Return verbatim the portion of the material below that starts at the line containing "3. Contour (Ramp) | 6 - 6 平铣刀" and ends at its last line.

- [Raw data]:
++++++++

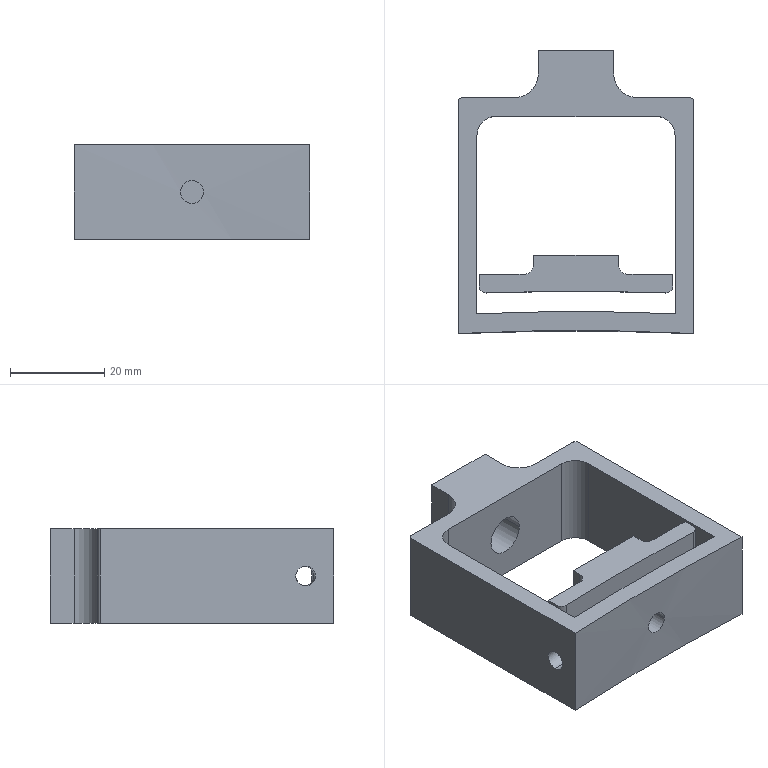CAM job | Mastercam | mm | 8 operations | part box 50 x 60 x 20
1. Contour (Ramp) | 6 - 6 平铣刀
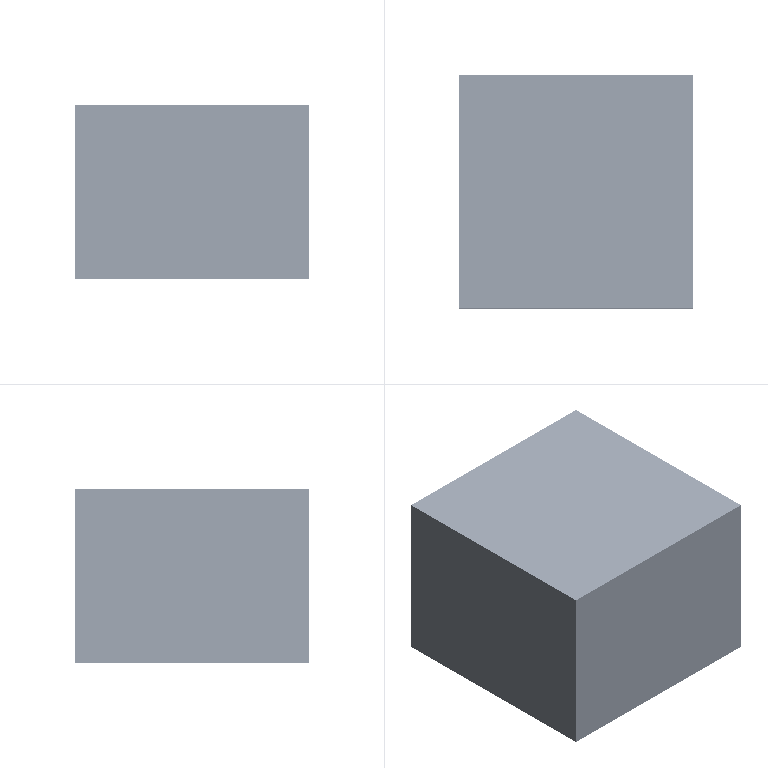2. Contour (2D) | 6 - 6 平铣刀
3. Contour (Ramp) | 6 - 6 平铣刀
4. Contour (2D) | 6 - 6 平铣刀
5. Contour (2D chamfer) | 7 - 4 倒角刀
6. Contour (Ramp) | 6 - 6 平铣刀
7. Contour (2D chamfer) | 7 - 4 倒角刀
8. Drill/Counterbore | 7 - 4 倒角刀

++++++++

- [Completed task]:
3. Contour (Ramp) | 6 - 6 平铣刀
4. Contour (2D) | 6 - 6 平铣刀
5. Contour (2D chamfer) | 7 - 4 倒角刀
6. Contour (Ramp) | 6 - 6 平铣刀
7. Contour (2D chamfer) | 7 - 4 倒角刀
8. Drill/Counterbore | 7 - 4 倒角刀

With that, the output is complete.